## WHAT NEEDS TO BE DONE:
Take the line that contains "Bottom Solder Mask" and each line after it in the material below, and transcribe them exactly, stopping at the end.

***

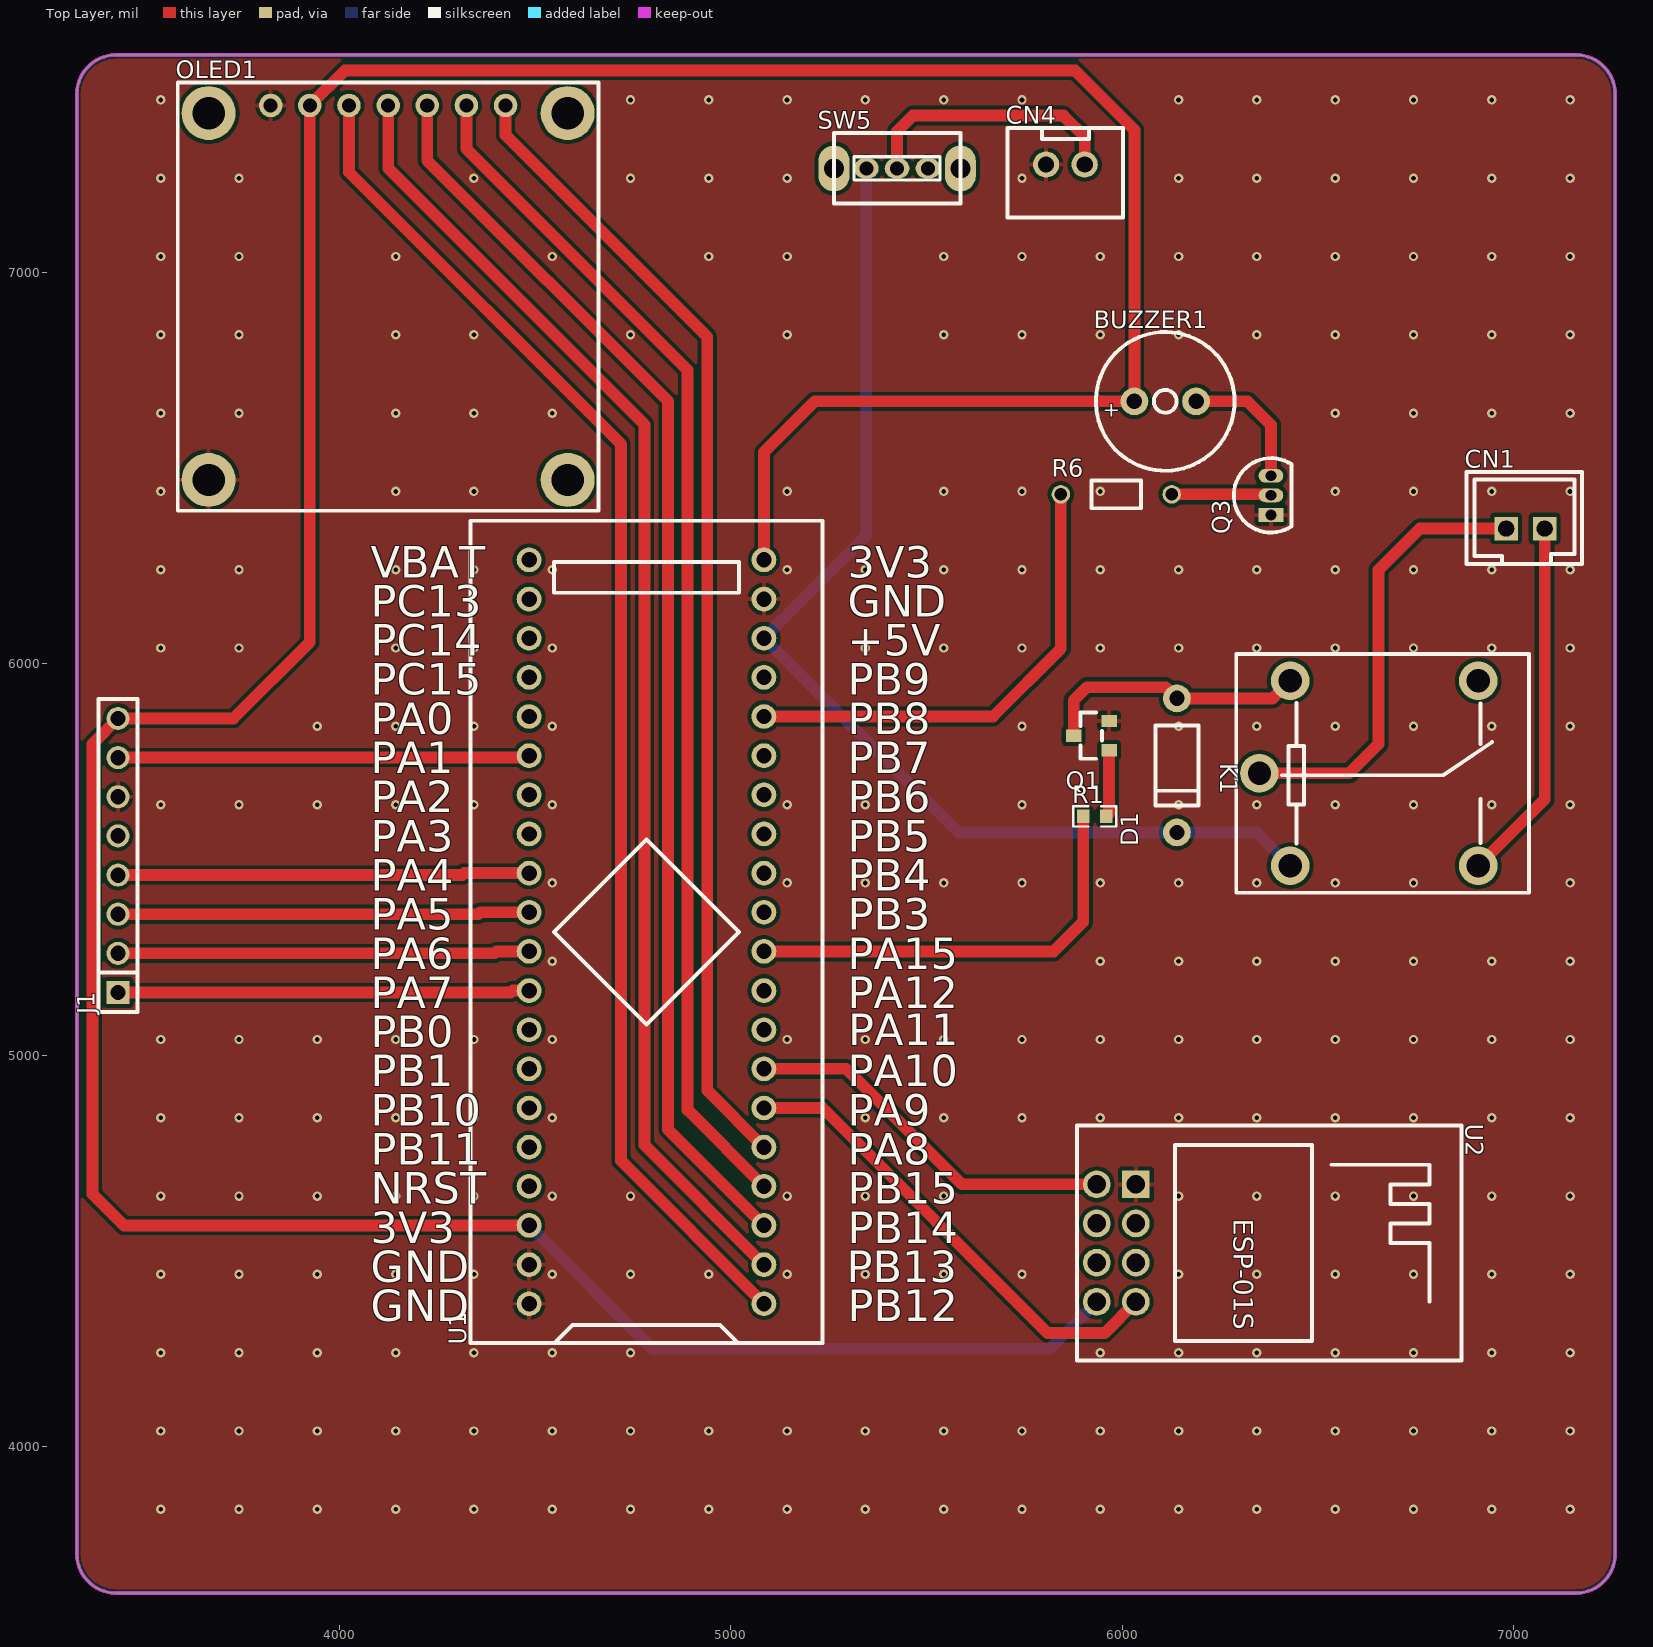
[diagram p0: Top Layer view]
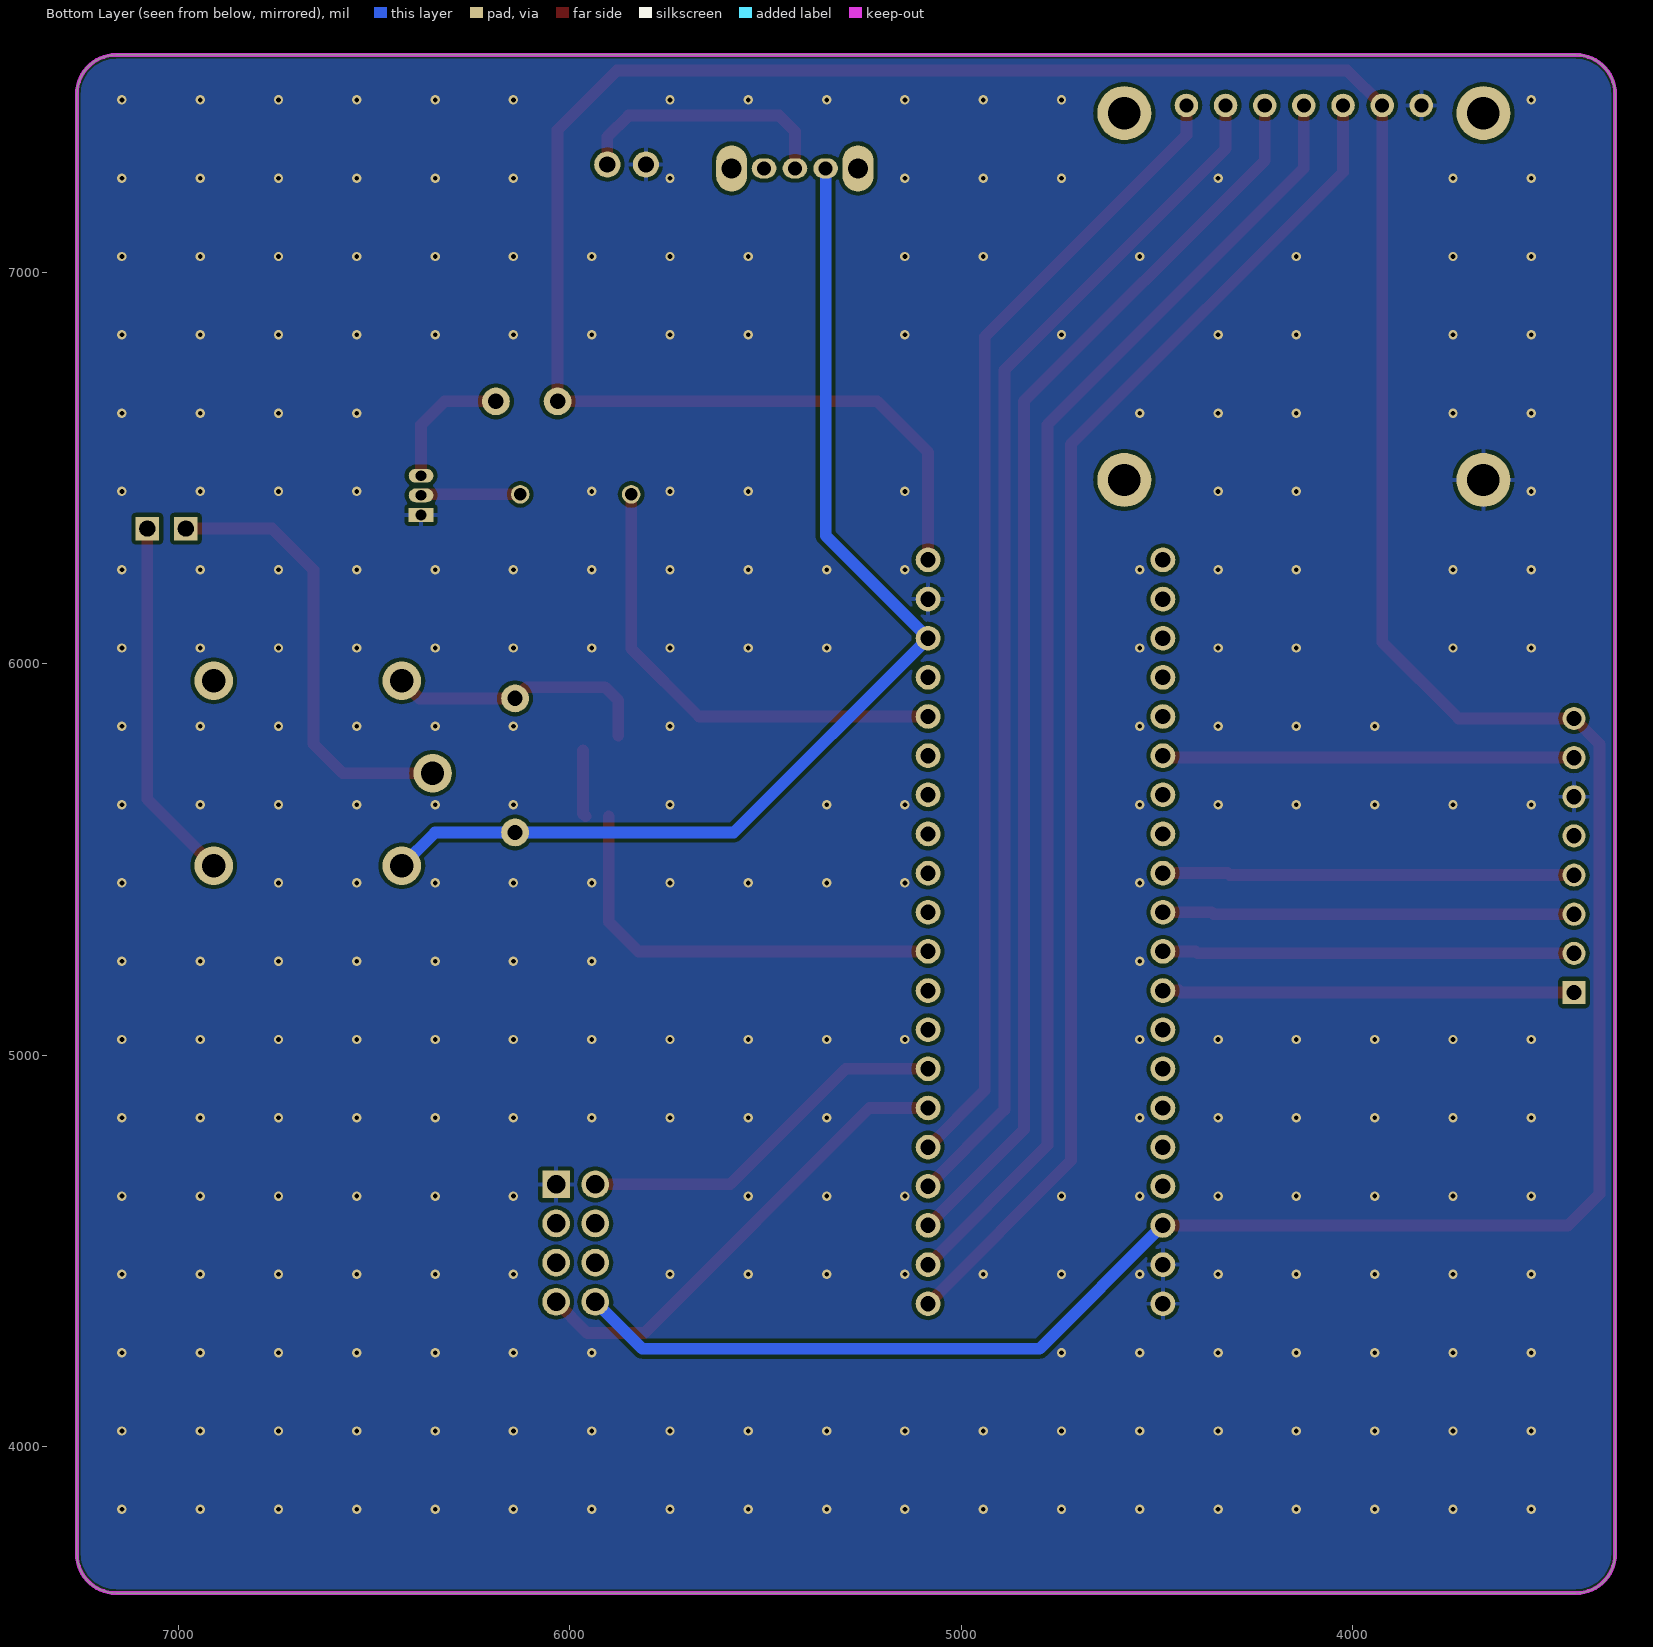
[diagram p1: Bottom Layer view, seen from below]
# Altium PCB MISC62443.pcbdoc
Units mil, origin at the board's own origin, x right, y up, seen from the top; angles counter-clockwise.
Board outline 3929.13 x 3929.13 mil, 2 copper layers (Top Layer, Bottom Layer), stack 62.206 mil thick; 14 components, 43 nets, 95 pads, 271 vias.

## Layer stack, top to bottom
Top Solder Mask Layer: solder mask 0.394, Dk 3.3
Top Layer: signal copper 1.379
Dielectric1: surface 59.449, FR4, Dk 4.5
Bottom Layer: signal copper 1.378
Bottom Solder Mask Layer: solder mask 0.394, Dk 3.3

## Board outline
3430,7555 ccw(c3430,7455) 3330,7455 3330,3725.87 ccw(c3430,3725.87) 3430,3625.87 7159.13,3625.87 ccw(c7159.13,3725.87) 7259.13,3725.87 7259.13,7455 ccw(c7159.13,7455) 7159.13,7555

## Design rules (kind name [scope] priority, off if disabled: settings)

***

## TASK OUTPUT:
Bottom Solder Mask Layer: solder mask 0.394, Dk 3.3

## Board outline
3430,7555 ccw(c3430,7455) 3330,7455 3330,3725.87 ccw(c3430,3725.87) 3430,3625.87 7159.13,3625.87 ccw(c7159.13,3725.87) 7259.13,3725.87 7259.13,7455 ccw(c7159.13,7455) 7159.13,7555

## Design rules (kind name [scope] priority, off if disabled: settings)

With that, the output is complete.